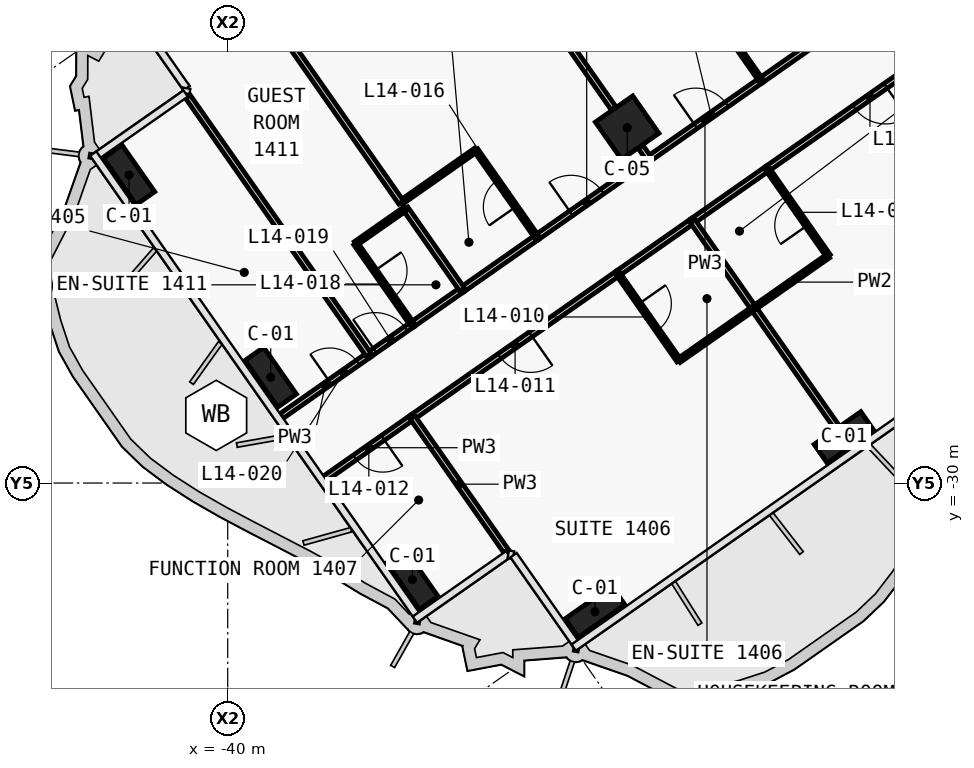
"""IFC4 building model, lengths in metres.
Left out: names, types, materials, properties, quantities, classifications, styles, units other than length and angle.
Written with IfcOpenShell. Run it as: python <this file> out.ifc"""

import sys

from ifc_helpers import new_model, si_unit, direction, frame, frame_2d, origin, origin_2d, place, context, subcontext, project, spatial, rectangle, extrude, element, fill, save


model = new_model("IFC4")
c1 = context("Model", 3, precision=1e-05, world=origin(), true_north=direction((0.0, 1.0)))
c2 = subcontext(c1, "Body", "Model", "MODEL_VIEW")
j1 = project(units=[si_unit("LENGTHUNIT", "METRE"), si_unit("PLANEANGLEUNIT", "RADIAN")], contexts=[c1])
p1 = place(None, origin())
s1 = spatial("IfcSite", under=j1, at=p1, CompositionType="ELEMENT")
p2 = place(p1, origin())
s2 = spatial("IfcBuilding", under=s1, at=p2, CompositionType="ELEMENT")
p3 = place(p2, frame((0.0, 0.0, 76.1)))
s3 = spatial("IfcBuildingStorey", under=s2, at=p3, CompositionType="ELEMENT", Elevation=76.1)
for number, where, z_axis, x_axis in (
    (1, (-23.782, -28.799, 0.0), (0.0, 0.0, 1.0), (-0.819, -0.574, 0.0)),
    (2, (-30.336, -33.388, 0.0), (0.0, 0.0, 1.0), (-0.819, -0.574, 0.0)),
    (3, (-35.14, -32.541, 0.0), (0.0, 0.0, 1.0), (-0.574, 0.819, 0.0)),
    (4, (-38.869, -27.216, 0.0), (0.0, 0.0, 1.0), (-0.574, 0.819, 0.0)),
    (5, (-42.597, -21.892, 0.0), (0.0, 0.0, 1.0), (-0.574, 0.819, 0.0)),
):
    element("IfcColumn", number, at=place(p3, frame(where, z_axis=z_axis, x_axis=x_axis)), inside=s3, PredefinedType="COLUMN", context=c2, shape_type="SweptSolid", body=[
        extrude(rectangle(XDim=1.5, YDim=0.6, at=origin_2d()), origin(), (0.0, 0.0, 1.0), 3.6),
    ])
p4 = place(p3, frame((-29.49, -20.649, 0.0), z_axis=(0.0, 0.0, 1.0), x_axis=(-0.819152044289, -0.573576436351, 0.0)))
e6 = element("IfcColumn", 6, at=p4, inside=s3, PredefinedType="COLUMN", context=c2, shape_type="SweptSolid", body=[
    extrude(rectangle(XDim=1.2, YDim=1.2, at=origin_2d()), origin(), (0.0, 0.0, 1.0), 3.6),
])
p5 = place(p3, frame((-28.917, -21.469, 0.0), z_axis=(0.0, 0.0, 1.0), x_axis=(0.81917779803, 0.57353965444, 0.0)))
e7 = element("IfcWall", 7, at=p5, inside=s3, PredefinedType="PARTITIONING", context=c2, shape_type="SweptSolid", body=[
    extrude(rectangle(XDim=3.603, YDim=0.15, at=frame_2d((1.801, 0.0))), origin(), (0.0, 0.0, 1.0), 2.6),
])
p6 = place(p5, frame((1.502, 0.0, 0.0)))
e8 = element("IfcOpeningElement", 8, at=p6, cuts=e7, PredefinedType="OPENING", context=c2, shape_type="SweptSolid", body=[
    extrude(rectangle(XDim=1.0, YDim=2.1, at=frame_2d((0.5, 1.05))), frame((0.0, 0.085, 0.0), z_axis=(0.0, -1.0, 0.0), x_axis=(1.0, 0.0, 0.0)), (0.0, 0.0, 1.0), 0.17),
])
p7 = place(p3, frame((-25.969, -19.404, 0.0), z_axis=(0.0, 0.0, 1.0), x_axis=(0.819146032251, 0.573585022335, 0.0)))
e9 = element("IfcWall", 9, at=p7, inside=s3, PredefinedType="PARTITIONING", context=c2, shape_type="SweptSolid", body=[
    extrude(rectangle(XDim=2.404, YDim=0.15, at=frame_2d((1.202, 0.0))), origin(), (0.0, 0.0, 1.0), 3.32),
])
p8 = place(p3, frame((-31.866, -23.533, 0.0), z_axis=(0.0, 0.0, 1.0), x_axis=(0.819145961204, 0.573585123798, 0.0)))
e10 = element("IfcWall", 10, at=p8, inside=s3, PredefinedType="PARTITIONING", context=c2, shape_type="SweptSolid", body=[
    extrude(rectangle(XDim=3.603, YDim=0.15, at=frame_2d((1.802, 0.0))), origin(), (0.0, 0.0, 1.0), 2.6),
])
p9 = place(p8, frame((1.101, 0.0, 0.0)))
e11 = element("IfcOpeningElement", 11, at=p9, cuts=e10, PredefinedType="OPENING", context=c2, shape_type="SweptSolid", body=[
    extrude(rectangle(XDim=1.0, YDim=2.1, at=frame_2d((0.5, 1.05))), frame((0.0, 0.085, 0.0), z_axis=(0.0, -1.0, 0.0), x_axis=(1.0, 0.0, 0.0)), (0.0, 0.0, 1.0), 0.17),
])
p10 = place(p3, frame((-33.833, -24.91, 0.0), z_axis=(0.0, 0.0, 1.0), x_axis=(0.819146032251, 0.573585022335, 0.0)))
e12 = element("IfcWall", 12, at=p10, inside=s3, PredefinedType="PARTITIONING", context=c2, shape_type="SweptSolid", body=[
    extrude(rectangle(XDim=2.404, YDim=0.15, at=frame_2d((1.202, 0.0))), origin(), (0.0, 0.0, 1.0), 3.32),
])
p11 = place(p3, frame((-36.29, -26.631, 0.0), z_axis=(0.0, 0.0, 1.0), x_axis=(0.81914197737, 0.573590813132, 0.0)))
e13 = element("IfcWall", 13, at=p11, inside=s3, PredefinedType="PARTITIONING", context=c2, shape_type="SweptSolid", body=[
    extrude(rectangle(XDim=1.403, YDim=0.15, at=frame_2d((0.701, 0.0))), origin(), (0.0, 0.0, 1.0), 3.32),
])
p12 = place(p11, frame((0.202, 0.0, 0.0)))
e14 = element("IfcOpeningElement", 14, at=p12, cuts=e13, PredefinedType="OPENING", context=c2, shape_type="SweptSolid", body=[
    extrude(rectangle(XDim=1.0, YDim=2.1, at=frame_2d((0.5, 1.05))), frame((0.0, 0.085, 0.0), z_axis=(0.0, -1.0, 0.0), x_axis=(1.0, 0.0, 0.0)), (0.0, 0.0, 1.0), 0.17),
])
p13 = place(p3, frame((-35.143, -25.828, 0.0), z_axis=(0.0, 0.0, 1.0), x_axis=(0.819189013667, 0.573523634986, 0.0)))
e15 = element("IfcWall", 15, at=p13, inside=s3, PredefinedType="PARTITIONING", context=c2, shape_type="SweptSolid", body=[
    extrude(rectangle(XDim=1.604, YDim=0.15, at=frame_2d((0.802, 0.0))), origin(), (0.0, 0.0, 1.0), 3.32),
])
p14 = place(p3, frame((-38.582, -28.236, 0.0), z_axis=(0.0, 0.0, 1.0), x_axis=(0.819137759006, 0.573596837309, 0.0)))
e16 = element("IfcWall", 16, at=p14, inside=s3, PredefinedType="PARTITIONING", context=c2, shape_type="SweptSolid", body=[
    extrude(rectangle(XDim=2.802, YDim=0.15, at=frame_2d((1.401, 0.0))), origin(), (0.0, 0.0, 1.0), 2.5),
])
p15 = place(p14, frame((1.551, 0.0, 0.0)))
e17 = element("IfcOpeningElement", 17, at=p15, cuts=e16, PredefinedType="OPENING", context=c2, shape_type="SweptSolid", body=[
    extrude(rectangle(XDim=0.9, YDim=2.1, at=frame_2d((0.45, 1.05))), frame((0.0, 0.085, 0.0), z_axis=(0.0, -1.0, 0.0), x_axis=(1.0, 0.0, 0.0)), (0.0, 0.0, 1.0), 0.17),
])
p16 = place(p3, frame((-20.395, -17.943, 0.0), z_axis=(0.0, 0.0, 1.0), x_axis=(-0.819153746897, -0.573574004767, 0.0)))
e18 = element("IfcWall", 18, at=p16, inside=s3, PredefinedType="PARTITIONING", context=c2, shape_type="SweptSolid", body=[
    extrude(rectangle(XDim=6.603, YDim=0.15, at=frame_2d((3.302, 0.0))), origin(), (0.0, 0.0, 1.0), 2.6),
])
p17 = place(p16, frame((2.802, 0.0, 0.0)))
e19 = element("IfcOpeningElement", 19, at=p17, cuts=e18, PredefinedType="OPENING", context=c2, shape_type="SweptSolid", body=[
    extrude(rectangle(XDim=1.0, YDim=2.1, at=frame_2d((0.5, 1.05))), frame((0.0, 0.085, 0.0), z_axis=(0.0, -1.0, 0.0), x_axis=(1.0, 0.0, 0.0)), (0.0, 0.0, 1.0), 0.17),
])
p18 = place(p3, frame((-25.801, -21.729, 0.0), z_axis=(0.0, 0.0, 1.0), x_axis=(-0.819179439794, -0.573537309527, 0.0)))
e20 = element("IfcWall", 20, at=p18, inside=s3, PredefinedType="PARTITIONING", context=c2, shape_type="SweptSolid", body=[
    extrude(rectangle(XDim=2.404, YDim=0.15, at=frame_2d((1.202, 0.0))), origin(), (0.0, 0.0, 1.0), 2.6),
])
p19 = place(p3, frame((-29.734, -24.482, 0.0), z_axis=(0.0, 0.0, 1.0), x_axis=(-0.819153746897, -0.573574004767, 0.0)))
e21 = element("IfcWall", 21, at=p19, inside=s3, PredefinedType="PARTITIONING", context=c2, shape_type="SweptSolid", body=[
    extrude(rectangle(XDim=6.603, YDim=0.15, at=frame_2d((3.302, 0.0))), origin(), (0.0, 0.0, 1.0), 3.32),
])
p20 = place(p19, frame((2.801, 0.0, 0.0)))
e22 = element("IfcOpeningElement", 22, at=p20, cuts=e21, PredefinedType="OPENING", context=c2, shape_type="SweptSolid", body=[
    extrude(rectangle(XDim=1.0, YDim=2.1, at=frame_2d((0.5, 1.05))), frame((0.0, 0.085, 0.0), z_axis=(0.0, -1.0, 0.0), x_axis=(1.0, 0.0, 0.0)), (0.0, 0.0, 1.0), 0.17),
])
p21 = place(p3, frame((-27.767, -23.105, 0.0), z_axis=(0.0, 0.0, 1.0), x_axis=(-0.819146032251, -0.573585022335, 0.0)))
e23 = element("IfcWall", 23, at=p21, inside=s3, PredefinedType="PARTITIONING", context=c2, shape_type="SweptSolid", body=[
    extrude(rectangle(XDim=2.404, YDim=0.15, at=frame_2d((1.202, 0.0))), origin(), (0.0, 0.0, 1.0), 2.6),
])
p22 = place(p3, frame((-35.139, -28.267, 0.0), z_axis=(0.0, 0.0, 1.0), x_axis=(-0.819125488359, -0.573614360281, 0.0)))
e24 = element("IfcWall", 24, at=p22, inside=s3, PredefinedType="PARTITIONING", context=c2, shape_type="SweptSolid", body=[
    extrude(rectangle(XDim=2.802, YDim=0.15, at=frame_2d((1.401, 0.0))), origin(), (0.0, 0.0, 1.0), 2.5),
])
p23 = place(p22, frame((0.951, 0.0, 0.0)))
e25 = element("IfcOpeningElement", 25, at=p23, cuts=e24, PredefinedType="OPENING", context=c2, shape_type="SweptSolid", body=[
    extrude(rectangle(XDim=0.9, YDim=2.1, at=frame_2d((0.45, 1.05))), frame((0.0, 0.085, 0.0), z_axis=(0.0, -1.0, 0.0), x_axis=(1.0, 0.0, 0.0)), (0.0, 0.0, 1.0), 0.17),
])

+===+

### YOUR TASK
Your answer should be one number: how many lines above contain "where".

### EXERCISE RESULT
2